____ RECORDS

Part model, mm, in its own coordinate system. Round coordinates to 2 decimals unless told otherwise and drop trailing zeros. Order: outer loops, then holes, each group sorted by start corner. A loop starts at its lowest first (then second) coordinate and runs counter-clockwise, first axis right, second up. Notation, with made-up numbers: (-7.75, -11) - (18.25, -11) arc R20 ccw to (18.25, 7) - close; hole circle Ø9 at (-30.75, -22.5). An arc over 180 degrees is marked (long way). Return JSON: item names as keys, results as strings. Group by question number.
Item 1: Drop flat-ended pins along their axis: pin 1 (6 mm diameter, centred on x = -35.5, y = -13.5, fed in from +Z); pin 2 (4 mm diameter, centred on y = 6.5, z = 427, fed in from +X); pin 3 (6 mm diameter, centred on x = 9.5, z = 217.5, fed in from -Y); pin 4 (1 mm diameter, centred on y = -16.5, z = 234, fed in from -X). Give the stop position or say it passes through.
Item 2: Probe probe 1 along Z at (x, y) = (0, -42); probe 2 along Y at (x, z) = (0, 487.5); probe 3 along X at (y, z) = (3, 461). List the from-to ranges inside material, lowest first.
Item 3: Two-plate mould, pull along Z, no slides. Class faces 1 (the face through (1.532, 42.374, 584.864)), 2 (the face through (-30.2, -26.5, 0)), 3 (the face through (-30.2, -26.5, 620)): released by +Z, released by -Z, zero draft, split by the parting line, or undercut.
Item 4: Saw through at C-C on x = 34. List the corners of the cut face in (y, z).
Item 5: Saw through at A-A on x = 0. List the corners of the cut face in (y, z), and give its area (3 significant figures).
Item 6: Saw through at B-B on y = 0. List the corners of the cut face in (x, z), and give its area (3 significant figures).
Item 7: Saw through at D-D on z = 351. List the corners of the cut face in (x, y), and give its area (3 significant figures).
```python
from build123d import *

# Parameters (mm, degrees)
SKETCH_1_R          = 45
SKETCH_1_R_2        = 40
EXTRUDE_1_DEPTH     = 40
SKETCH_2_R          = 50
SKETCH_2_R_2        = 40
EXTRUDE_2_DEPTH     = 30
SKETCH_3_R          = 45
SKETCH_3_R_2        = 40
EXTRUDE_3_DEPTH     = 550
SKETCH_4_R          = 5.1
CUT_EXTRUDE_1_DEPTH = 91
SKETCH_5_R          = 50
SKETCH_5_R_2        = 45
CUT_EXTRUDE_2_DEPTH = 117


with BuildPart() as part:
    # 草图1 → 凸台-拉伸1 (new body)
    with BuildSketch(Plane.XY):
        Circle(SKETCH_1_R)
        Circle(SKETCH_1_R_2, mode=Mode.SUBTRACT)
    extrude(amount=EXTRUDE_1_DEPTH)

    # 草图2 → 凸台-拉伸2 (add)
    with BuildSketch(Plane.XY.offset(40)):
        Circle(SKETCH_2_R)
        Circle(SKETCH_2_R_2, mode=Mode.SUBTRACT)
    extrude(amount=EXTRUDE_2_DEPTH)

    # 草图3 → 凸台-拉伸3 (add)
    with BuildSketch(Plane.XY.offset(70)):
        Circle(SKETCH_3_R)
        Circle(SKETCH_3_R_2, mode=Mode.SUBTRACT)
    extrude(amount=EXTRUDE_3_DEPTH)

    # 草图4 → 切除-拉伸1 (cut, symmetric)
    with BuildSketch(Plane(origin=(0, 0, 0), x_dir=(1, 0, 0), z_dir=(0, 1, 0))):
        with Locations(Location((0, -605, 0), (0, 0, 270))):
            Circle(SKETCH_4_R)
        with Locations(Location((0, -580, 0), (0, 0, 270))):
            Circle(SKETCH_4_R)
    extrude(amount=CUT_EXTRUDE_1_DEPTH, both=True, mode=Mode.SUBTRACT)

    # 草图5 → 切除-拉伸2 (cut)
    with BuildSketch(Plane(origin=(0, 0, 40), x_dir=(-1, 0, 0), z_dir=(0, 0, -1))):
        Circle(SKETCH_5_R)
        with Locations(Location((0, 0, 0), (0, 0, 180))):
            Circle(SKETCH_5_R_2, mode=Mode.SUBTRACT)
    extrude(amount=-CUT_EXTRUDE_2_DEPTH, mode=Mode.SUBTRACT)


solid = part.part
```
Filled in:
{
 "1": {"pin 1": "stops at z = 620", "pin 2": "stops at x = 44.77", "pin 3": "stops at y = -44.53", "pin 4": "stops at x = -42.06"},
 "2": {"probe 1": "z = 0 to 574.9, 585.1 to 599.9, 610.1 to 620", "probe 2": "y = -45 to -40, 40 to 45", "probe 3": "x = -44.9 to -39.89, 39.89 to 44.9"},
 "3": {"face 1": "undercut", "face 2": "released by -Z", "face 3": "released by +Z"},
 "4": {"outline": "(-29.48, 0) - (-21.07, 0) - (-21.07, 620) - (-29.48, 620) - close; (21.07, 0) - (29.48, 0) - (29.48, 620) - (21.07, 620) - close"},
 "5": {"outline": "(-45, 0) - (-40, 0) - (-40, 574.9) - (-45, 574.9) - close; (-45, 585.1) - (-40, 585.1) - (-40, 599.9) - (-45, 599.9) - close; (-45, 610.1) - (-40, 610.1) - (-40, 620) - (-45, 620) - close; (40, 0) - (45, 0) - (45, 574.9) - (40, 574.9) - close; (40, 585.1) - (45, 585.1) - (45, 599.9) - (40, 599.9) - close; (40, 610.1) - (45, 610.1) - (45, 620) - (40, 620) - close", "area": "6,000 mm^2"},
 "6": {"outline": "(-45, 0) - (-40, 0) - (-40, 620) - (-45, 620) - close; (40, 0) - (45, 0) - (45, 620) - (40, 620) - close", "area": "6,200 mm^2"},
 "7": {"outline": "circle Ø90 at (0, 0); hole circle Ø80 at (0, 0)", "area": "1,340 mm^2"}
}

________

== EXERCISE DESCRIPTION ==
Set down every entry exactly as given.

== ANSWER SECTION ==
Part model, mm, in its own coordinate system. Round coordinates to 2 decimals unless told otherwise and drop trailing zeros. Order: outer loops, then holes, each group sorted by start corner. A loop starts at its lowest first (then second) coordinate and runs counter-clockwise, first axis right, second up. Notation, with made-up numbers: (-7.75, -11) - (18.25, -11) arc R20 ccw to (18.25, 7) - close; hole circle Ø9 at (-30.75, -22.5). An arc over 180 degrees is marked (long way). Return JSON: item names as keys, results as strings. Group by question number.
Item 1: Drop flat-ended pins along their axis: pin 1 (6 mm diameter, centred on x = -35.5, y = -13.5, fed in from +Z); pin 2 (4 mm diameter, centred on y = 6.5, z = 427, fed in from +X); pin 3 (6 mm diameter, centred on x = 9.5, z = 217.5, fed in from -Y); pin 4 (1 mm diameter, centred on y = -16.5, z = 234, fed in from -X). Give the stop position or say it passes through.
Item 2: Probe probe 1 along Z at (x, y) = (0, -42); probe 2 along Y at (x, z) = (0, 487.5); probe 3 along X at (y, z) = (3, 461). List the from-to ranges inside material, lowest first.
Item 3: Two-plate mould, pull along Z, no slides. Class faces 1 (the face through (1.532, 42.374, 584.864)), 2 (the face through (-30.2, -26.5, 0)), 3 (the face through (-30.2, -26.5, 620)): released by +Z, released by -Z, zero draft, split by the parting line, or undercut.
Item 4: Saw through at C-C on x = 34. List the corners of the cut face in (y, z).
Item 5: Saw through at A-A on x = 0. List the corners of the cut face in (y, z), and give its area (3 significant figures).
Item 6: Saw through at B-B on y = 0. List the corners of the cut face in (x, z), and give its area (3 significant figures).
Item 7: Saw through at D-D on z = 351. List the corners of the cut face in (x, y), and give its area (3 significant figures).
```python
from build123d import *

# Parameters (mm, degrees)
SKETCH_1_R          = 45
SKETCH_1_R_2        = 40
EXTRUDE_1_DEPTH     = 40
SKETCH_2_R          = 50
SKETCH_2_R_2        = 40
EXTRUDE_2_DEPTH     = 30
SKETCH_3_R          = 45
SKETCH_3_R_2        = 40
EXTRUDE_3_DEPTH     = 550
SKETCH_4_R          = 5.1
CUT_EXTRUDE_1_DEPTH = 91
SKETCH_5_R          = 50
SKETCH_5_R_2        = 45
CUT_EXTRUDE_2_DEPTH = 117


with BuildPart() as part:
    # 草图1 → 凸台-拉伸1 (new body)
    with BuildSketch(Plane.XY):
        Circle(SKETCH_1_R)
        Circle(SKETCH_1_R_2, mode=Mode.SUBTRACT)
    extrude(amount=EXTRUDE_1_DEPTH)

    # 草图2 → 凸台-拉伸2 (add)
    with BuildSketch(Plane.XY.offset(40)):
        Circle(SKETCH_2_R)
        Circle(SKETCH_2_R_2, mode=Mode.SUBTRACT)
    extrude(amount=EXTRUDE_2_DEPTH)

    # 草图3 → 凸台-拉伸3 (add)
    with BuildSketch(Plane.XY.offset(70)):
        Circle(SKETCH_3_R)
        Circle(SKETCH_3_R_2, mode=Mode.SUBTRACT)
    extrude(amount=EXTRUDE_3_DEPTH)

    # 草图4 → 切除-拉伸1 (cut, symmetric)
    with BuildSketch(Plane(origin=(0, 0, 0), x_dir=(1, 0, 0), z_dir=(0, 1, 0))):
        with Locations(Location((0, -605, 0), (0, 0, 270))):
            Circle(SKETCH_4_R)
        with Locations(Location((0, -580, 0), (0, 0, 270))):
            Circle(SKETCH_4_R)
    extrude(amount=CUT_EXTRUDE_1_DEPTH, both=True, mode=Mode.SUBTRACT)

    # 草图5 → 切除-拉伸2 (cut)
    with BuildSketch(Plane(origin=(0, 0, 40), x_dir=(-1, 0, 0), z_dir=(0, 0, -1))):
        Circle(SKETCH_5_R)
        with Locations(Location((0, 0, 0), (0, 0, 180))):
            Circle(SKETCH_5_R_2, mode=Mode.SUBTRACT)
    extrude(amount=-CUT_EXTRUDE_2_DEPTH, mode=Mode.SUBTRACT)


solid = part.part
```
Filled in:
{
 "1": {"pin 1": "stops at z = 620", "pin 2": "stops at x = 44.77", "pin 3": "stops at y = -44.53", "pin 4": "stops at x = -42.06"},
 "2": {"probe 1": "z = 0 to 574.9, 585.1 to 599.9, 610.1 to 620", "probe 2": "y = -45 to -40, 40 to 45", "probe 3": "x = -44.9 to -39.89, 39.89 to 44.9"},
 "3": {"face 1": "undercut", "face 2": "released by -Z", "face 3": "released by +Z"},
 "4": {"outline": "(-29.48, 0) - (-21.07, 0) - (-21.07, 620) - (-29.48, 620) - close; (21.07, 0) - (29.48, 0) - (29.48, 620) - (21.07, 620) - close"},
 "5": {"outline": "(-45, 0) - (-40, 0) - (-40, 574.9) - (-45, 574.9) - close; (-45, 585.1) - (-40, 585.1) - (-40, 599.9) - (-45, 599.9) - close; (-45, 610.1) - (-40, 610.1) - (-40, 620) - (-45, 620) - close; (40, 0) - (45, 0) - (45, 574.9) - (40, 574.9) - close; (40, 585.1) - (45, 585.1) - (45, 599.9) - (40, 599.9) - close; (40, 610.1) - (45, 610.1) - (45, 620) - (40, 620) - close", "area": "6,000 mm^2"},
 "6": {"outline": "(-45, 0) - (-40, 0) - (-40, 620) - (-45, 620) - close; (40, 0) - (45, 0) - (45, 620) - (40, 620) - close", "area": "6,200 mm^2"},
 "7": {"outline": "circle Ø90 at (0, 0); hole circle Ø80 at (0, 0)", "area": "1,340 mm^2"}
}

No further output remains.